=== Section Start ===

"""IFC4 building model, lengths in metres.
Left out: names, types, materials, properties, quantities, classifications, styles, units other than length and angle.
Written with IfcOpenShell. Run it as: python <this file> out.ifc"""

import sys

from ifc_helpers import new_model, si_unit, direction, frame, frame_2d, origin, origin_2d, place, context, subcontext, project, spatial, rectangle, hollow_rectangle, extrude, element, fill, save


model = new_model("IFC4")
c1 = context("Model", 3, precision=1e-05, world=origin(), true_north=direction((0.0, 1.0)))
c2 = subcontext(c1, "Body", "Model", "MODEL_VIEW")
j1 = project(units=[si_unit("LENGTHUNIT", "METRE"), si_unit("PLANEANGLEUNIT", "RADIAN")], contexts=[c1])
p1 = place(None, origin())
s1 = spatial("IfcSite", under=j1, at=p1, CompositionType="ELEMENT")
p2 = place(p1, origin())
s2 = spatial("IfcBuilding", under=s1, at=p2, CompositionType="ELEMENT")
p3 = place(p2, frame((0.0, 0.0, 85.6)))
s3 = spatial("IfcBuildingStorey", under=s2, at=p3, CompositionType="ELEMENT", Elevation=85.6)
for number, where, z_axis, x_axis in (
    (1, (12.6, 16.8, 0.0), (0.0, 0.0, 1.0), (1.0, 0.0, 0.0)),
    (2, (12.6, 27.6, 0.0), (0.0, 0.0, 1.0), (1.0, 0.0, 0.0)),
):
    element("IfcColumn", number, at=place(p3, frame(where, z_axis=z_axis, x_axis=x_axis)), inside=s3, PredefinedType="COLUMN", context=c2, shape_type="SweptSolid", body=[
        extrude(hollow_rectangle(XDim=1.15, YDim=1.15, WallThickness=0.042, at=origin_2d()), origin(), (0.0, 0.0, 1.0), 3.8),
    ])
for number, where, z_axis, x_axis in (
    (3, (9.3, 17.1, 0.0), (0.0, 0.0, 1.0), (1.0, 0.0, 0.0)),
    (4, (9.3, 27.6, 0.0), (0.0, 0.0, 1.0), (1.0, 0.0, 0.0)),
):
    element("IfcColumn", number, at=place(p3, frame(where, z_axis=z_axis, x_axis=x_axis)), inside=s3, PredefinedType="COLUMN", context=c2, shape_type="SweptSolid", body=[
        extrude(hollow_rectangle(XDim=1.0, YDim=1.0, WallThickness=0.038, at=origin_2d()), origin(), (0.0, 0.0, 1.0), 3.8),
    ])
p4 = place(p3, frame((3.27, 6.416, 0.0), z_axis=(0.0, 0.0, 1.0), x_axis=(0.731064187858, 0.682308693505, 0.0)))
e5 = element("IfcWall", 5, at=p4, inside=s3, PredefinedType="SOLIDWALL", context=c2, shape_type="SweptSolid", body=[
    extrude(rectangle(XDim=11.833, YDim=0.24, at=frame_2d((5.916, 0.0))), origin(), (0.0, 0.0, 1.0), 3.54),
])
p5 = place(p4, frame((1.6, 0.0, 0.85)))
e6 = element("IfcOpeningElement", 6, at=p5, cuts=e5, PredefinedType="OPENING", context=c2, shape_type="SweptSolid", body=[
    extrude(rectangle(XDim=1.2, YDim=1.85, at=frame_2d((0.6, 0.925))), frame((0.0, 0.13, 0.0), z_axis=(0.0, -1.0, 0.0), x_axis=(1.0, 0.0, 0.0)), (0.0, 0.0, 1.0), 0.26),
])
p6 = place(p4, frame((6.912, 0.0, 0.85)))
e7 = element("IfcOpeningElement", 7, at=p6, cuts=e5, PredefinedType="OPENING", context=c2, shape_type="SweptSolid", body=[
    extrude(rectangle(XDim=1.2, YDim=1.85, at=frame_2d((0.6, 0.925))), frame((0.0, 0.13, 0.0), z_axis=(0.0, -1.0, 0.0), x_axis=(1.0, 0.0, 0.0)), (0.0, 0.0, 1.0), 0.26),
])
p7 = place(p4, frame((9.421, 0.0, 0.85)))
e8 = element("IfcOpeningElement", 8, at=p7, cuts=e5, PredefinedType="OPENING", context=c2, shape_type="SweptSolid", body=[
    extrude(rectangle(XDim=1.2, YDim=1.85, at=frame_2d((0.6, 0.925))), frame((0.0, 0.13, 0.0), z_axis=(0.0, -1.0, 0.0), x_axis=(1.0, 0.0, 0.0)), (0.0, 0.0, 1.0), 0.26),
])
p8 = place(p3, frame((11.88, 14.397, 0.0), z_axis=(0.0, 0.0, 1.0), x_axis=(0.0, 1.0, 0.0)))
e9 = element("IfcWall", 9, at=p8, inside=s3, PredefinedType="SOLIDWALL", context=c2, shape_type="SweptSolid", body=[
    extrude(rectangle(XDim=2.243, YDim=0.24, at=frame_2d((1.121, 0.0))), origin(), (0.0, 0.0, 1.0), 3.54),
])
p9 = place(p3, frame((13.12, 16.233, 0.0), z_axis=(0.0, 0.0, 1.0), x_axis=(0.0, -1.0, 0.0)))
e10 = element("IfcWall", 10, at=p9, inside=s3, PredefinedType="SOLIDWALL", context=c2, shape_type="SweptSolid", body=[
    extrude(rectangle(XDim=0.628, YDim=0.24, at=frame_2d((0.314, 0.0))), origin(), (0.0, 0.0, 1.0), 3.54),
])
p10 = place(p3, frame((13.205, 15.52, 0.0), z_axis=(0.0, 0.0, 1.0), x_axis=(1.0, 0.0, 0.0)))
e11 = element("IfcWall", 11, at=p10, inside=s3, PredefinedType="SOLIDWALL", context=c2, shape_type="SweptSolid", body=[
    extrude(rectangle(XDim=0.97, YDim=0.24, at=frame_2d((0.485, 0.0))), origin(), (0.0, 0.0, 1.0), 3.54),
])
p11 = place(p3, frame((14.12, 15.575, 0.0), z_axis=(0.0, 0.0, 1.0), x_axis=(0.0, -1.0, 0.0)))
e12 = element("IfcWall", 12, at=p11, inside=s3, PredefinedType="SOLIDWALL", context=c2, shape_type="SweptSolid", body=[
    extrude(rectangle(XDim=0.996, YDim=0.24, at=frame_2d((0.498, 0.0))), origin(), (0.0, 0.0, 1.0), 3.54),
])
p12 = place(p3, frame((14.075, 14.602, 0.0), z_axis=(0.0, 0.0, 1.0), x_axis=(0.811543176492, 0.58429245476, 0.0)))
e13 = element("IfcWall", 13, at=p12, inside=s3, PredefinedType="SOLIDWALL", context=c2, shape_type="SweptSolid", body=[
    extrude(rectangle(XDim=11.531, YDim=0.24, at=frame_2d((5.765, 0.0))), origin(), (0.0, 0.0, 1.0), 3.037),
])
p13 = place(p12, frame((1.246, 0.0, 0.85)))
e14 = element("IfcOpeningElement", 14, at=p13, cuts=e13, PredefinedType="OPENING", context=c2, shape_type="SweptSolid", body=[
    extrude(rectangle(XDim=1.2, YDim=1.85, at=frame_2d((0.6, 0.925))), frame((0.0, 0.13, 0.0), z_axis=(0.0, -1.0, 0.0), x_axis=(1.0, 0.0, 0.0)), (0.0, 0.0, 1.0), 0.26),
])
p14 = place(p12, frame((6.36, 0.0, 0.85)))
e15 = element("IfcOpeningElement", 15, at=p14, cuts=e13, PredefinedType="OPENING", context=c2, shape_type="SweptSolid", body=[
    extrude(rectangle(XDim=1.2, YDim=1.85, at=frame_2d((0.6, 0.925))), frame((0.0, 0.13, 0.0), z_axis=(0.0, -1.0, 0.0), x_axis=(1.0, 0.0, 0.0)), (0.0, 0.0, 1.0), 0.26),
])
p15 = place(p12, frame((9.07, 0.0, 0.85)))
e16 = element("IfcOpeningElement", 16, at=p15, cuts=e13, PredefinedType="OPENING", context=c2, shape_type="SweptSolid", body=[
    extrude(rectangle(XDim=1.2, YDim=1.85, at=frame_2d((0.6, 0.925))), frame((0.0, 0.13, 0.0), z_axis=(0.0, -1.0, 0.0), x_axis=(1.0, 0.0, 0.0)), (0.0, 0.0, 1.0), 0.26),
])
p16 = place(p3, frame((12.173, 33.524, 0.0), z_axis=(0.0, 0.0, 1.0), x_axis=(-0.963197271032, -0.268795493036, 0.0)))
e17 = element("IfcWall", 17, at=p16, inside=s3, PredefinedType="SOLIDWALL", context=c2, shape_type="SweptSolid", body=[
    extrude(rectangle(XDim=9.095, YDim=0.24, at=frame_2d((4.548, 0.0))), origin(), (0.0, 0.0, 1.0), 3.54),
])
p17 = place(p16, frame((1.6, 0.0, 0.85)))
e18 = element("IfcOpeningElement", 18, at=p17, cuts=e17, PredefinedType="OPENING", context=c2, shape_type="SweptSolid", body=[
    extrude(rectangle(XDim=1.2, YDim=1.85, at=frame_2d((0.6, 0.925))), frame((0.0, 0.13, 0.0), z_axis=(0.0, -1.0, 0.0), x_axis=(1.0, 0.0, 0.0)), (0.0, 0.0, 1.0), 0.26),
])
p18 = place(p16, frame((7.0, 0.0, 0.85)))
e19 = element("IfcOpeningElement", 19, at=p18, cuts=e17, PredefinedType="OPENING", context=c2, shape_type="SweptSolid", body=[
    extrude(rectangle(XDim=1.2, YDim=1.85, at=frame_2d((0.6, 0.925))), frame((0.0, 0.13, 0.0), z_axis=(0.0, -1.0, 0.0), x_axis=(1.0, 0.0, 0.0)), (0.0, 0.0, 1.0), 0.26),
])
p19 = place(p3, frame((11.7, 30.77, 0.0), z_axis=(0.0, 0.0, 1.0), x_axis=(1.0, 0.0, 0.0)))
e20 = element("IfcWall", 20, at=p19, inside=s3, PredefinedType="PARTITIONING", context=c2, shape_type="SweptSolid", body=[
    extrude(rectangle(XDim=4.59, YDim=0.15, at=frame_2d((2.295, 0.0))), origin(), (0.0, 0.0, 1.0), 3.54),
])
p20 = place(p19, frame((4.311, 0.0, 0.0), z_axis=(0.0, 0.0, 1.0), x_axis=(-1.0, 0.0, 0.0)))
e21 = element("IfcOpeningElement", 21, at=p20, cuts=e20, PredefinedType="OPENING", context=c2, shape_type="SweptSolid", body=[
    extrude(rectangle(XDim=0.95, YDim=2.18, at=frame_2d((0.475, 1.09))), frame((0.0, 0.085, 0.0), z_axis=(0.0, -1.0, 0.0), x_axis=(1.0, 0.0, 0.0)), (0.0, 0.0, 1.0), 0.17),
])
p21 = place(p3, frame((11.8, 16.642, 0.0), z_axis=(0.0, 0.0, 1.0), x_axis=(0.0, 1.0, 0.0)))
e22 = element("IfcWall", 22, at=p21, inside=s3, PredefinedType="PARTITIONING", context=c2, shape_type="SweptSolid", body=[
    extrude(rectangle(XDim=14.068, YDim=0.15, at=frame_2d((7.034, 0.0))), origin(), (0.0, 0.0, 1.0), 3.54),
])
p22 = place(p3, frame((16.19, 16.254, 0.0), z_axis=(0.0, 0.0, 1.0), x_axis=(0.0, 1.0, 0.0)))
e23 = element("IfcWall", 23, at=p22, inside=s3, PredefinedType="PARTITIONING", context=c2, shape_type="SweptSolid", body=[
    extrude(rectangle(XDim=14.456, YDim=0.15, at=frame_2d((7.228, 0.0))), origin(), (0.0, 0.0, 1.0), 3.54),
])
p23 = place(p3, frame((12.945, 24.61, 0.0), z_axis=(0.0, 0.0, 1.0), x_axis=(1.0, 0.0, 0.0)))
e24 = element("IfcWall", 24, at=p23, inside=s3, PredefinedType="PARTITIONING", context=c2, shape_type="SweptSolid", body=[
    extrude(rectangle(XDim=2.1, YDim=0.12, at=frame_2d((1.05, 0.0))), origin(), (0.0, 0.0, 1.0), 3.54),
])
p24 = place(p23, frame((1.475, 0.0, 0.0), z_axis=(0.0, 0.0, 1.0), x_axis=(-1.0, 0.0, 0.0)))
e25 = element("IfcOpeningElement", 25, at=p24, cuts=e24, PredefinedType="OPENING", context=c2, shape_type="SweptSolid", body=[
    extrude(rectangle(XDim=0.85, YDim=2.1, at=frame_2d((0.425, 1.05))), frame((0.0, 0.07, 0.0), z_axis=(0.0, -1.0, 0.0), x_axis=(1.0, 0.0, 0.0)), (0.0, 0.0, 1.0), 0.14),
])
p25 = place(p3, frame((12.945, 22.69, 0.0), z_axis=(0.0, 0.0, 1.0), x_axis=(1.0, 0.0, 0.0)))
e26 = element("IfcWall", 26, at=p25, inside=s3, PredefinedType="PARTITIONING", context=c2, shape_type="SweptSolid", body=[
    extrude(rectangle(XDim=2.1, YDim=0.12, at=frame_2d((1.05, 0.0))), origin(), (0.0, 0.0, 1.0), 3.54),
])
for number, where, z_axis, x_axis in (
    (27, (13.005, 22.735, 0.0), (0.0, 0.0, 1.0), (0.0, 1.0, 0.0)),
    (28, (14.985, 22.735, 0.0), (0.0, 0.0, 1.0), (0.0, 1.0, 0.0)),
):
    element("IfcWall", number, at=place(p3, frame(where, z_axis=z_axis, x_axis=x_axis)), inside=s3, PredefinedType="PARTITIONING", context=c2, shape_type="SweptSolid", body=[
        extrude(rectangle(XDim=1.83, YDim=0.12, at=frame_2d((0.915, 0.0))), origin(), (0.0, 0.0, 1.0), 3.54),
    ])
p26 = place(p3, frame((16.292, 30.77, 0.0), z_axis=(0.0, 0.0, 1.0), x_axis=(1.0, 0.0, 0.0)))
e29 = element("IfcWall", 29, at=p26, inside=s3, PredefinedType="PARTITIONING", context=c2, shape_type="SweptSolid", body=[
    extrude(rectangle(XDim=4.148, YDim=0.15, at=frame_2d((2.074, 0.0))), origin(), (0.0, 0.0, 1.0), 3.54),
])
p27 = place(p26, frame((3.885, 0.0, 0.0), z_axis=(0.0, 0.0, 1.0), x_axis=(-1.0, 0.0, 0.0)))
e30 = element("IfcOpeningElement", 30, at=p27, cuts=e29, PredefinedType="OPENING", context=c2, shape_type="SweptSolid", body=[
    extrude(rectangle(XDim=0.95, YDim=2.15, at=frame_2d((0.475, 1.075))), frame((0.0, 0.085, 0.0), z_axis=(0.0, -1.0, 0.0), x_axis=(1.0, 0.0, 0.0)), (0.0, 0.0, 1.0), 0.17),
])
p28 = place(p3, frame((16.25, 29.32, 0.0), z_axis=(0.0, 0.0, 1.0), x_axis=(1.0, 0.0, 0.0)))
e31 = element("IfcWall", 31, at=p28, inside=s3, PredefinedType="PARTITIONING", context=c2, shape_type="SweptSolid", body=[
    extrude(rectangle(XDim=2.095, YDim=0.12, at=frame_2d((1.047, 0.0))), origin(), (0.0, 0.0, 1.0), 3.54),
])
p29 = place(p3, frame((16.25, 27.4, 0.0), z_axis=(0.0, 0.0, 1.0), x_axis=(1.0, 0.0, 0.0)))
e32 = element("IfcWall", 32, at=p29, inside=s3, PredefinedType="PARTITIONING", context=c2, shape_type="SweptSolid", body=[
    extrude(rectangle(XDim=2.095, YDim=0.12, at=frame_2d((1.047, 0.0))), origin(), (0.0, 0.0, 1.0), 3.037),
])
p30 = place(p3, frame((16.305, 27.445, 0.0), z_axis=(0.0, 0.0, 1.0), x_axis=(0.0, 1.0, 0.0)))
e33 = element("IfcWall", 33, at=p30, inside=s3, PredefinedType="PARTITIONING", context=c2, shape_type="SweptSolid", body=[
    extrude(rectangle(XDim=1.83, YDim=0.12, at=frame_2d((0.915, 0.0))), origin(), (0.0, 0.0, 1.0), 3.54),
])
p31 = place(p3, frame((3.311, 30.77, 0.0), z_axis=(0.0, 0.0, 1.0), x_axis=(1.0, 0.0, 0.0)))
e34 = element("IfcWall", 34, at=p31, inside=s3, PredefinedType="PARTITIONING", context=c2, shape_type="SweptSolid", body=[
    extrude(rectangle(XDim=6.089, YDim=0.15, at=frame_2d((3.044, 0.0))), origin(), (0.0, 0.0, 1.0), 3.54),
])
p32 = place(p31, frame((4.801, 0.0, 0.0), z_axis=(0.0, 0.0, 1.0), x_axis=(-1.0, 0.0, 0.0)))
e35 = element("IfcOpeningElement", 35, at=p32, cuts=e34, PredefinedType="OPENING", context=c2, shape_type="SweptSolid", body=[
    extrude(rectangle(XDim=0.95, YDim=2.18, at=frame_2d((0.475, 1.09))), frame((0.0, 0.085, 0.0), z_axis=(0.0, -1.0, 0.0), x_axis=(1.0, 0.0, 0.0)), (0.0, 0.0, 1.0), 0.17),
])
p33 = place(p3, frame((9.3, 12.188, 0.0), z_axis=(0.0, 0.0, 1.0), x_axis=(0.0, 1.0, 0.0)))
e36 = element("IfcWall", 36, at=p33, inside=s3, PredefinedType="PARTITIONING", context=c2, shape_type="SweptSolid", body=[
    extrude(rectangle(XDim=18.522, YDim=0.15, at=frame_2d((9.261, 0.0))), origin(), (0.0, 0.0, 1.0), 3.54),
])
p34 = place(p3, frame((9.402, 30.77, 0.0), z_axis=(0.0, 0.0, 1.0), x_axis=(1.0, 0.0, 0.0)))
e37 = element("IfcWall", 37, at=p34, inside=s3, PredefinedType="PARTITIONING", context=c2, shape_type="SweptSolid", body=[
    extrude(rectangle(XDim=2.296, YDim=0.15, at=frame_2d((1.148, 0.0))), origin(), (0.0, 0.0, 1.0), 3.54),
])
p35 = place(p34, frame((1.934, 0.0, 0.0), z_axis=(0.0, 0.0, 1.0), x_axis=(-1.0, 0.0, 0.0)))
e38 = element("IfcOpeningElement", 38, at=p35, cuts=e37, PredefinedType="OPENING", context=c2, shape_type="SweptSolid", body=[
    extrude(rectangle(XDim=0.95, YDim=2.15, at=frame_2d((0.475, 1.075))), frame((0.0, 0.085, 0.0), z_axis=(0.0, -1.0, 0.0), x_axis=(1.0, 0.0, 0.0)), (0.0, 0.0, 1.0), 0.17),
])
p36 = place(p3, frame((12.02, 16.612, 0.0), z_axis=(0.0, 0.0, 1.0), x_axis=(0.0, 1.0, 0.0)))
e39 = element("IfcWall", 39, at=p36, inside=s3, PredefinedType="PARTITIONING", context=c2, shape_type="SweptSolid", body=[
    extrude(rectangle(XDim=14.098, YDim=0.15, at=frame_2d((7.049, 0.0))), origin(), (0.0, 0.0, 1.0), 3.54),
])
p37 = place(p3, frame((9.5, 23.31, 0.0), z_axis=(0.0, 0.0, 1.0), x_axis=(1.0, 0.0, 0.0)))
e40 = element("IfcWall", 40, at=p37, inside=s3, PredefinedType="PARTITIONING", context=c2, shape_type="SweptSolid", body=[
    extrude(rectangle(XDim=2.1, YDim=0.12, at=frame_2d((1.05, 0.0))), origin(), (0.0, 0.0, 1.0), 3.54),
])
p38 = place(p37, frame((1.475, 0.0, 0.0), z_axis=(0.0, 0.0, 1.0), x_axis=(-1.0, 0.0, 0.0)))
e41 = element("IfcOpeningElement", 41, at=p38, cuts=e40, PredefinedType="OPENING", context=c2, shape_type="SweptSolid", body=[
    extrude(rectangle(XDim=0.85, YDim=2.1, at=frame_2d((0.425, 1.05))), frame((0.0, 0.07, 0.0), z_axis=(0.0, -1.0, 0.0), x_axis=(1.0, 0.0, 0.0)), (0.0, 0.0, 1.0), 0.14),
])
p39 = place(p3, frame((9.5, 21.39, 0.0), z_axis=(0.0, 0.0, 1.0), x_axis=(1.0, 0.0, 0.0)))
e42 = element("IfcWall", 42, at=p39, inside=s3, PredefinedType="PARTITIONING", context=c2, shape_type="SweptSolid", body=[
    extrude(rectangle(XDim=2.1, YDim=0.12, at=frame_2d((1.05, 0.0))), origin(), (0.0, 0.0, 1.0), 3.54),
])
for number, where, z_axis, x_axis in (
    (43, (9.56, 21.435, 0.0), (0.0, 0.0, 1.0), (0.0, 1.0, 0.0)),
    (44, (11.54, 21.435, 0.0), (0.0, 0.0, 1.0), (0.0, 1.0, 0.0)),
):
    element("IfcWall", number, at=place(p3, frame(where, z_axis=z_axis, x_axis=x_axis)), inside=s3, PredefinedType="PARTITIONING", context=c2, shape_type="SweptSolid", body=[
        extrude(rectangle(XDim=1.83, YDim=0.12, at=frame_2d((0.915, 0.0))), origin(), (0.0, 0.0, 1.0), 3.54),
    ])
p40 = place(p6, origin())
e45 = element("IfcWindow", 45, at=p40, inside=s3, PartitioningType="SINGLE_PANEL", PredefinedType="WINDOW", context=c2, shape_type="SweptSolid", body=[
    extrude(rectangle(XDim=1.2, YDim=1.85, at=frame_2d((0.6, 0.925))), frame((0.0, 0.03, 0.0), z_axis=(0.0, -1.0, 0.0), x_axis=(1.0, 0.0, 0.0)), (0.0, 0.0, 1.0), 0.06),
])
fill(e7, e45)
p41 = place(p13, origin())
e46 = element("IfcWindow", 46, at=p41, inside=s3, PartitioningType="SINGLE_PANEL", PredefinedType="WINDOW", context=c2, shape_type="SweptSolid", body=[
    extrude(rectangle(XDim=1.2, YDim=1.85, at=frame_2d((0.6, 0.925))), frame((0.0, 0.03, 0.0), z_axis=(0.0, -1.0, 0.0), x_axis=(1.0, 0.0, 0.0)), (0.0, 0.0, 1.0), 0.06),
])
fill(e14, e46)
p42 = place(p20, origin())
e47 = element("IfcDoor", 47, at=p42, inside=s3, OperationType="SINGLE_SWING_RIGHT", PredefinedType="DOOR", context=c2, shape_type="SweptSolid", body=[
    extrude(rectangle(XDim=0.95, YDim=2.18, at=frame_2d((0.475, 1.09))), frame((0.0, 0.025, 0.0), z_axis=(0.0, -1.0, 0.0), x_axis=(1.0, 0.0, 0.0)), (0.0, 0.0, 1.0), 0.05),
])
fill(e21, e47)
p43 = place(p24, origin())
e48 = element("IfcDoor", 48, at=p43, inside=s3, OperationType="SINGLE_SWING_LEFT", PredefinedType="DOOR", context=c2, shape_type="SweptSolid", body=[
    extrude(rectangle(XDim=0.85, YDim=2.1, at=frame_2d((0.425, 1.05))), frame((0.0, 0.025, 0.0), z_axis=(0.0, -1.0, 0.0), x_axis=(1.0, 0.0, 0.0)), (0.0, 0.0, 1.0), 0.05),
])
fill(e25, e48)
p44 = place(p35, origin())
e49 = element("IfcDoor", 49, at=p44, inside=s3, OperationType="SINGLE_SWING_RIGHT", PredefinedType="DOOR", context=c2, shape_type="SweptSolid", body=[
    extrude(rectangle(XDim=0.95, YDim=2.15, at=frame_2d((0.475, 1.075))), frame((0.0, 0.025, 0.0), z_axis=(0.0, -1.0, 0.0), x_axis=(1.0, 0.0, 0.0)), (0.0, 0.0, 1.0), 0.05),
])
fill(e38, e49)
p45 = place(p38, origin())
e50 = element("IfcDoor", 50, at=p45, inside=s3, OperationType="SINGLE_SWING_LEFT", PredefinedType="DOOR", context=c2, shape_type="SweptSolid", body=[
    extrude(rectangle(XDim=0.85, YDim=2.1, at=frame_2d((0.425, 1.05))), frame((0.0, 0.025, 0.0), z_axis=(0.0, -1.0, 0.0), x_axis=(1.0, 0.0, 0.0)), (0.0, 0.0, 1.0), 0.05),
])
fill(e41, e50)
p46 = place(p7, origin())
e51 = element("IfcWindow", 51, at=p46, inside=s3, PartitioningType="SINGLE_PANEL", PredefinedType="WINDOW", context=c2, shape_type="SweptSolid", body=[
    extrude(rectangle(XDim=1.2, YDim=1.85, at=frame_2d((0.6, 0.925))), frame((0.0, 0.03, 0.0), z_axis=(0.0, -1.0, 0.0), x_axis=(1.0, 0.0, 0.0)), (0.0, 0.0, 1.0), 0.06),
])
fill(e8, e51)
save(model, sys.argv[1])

=== Section End ===

- [INSTRUCTIONS FOR THE TASK] Filter the listing for the word "project" and copy every line that holds it.

- [RESPONSE BOX]
from ifc_helpers import new_model, si_unit, direction, frame, frame_2d, origin, origin_2d, place, context, subcontext, project, spatial, rectangle, hollow_rectangle, extrude, element, fill, save
j1 = project(units=[si_unit("LENGTHUNIT", "METRE"), si_unit("PLANEANGLEUNIT", "RADIAN")], contexts=[c1])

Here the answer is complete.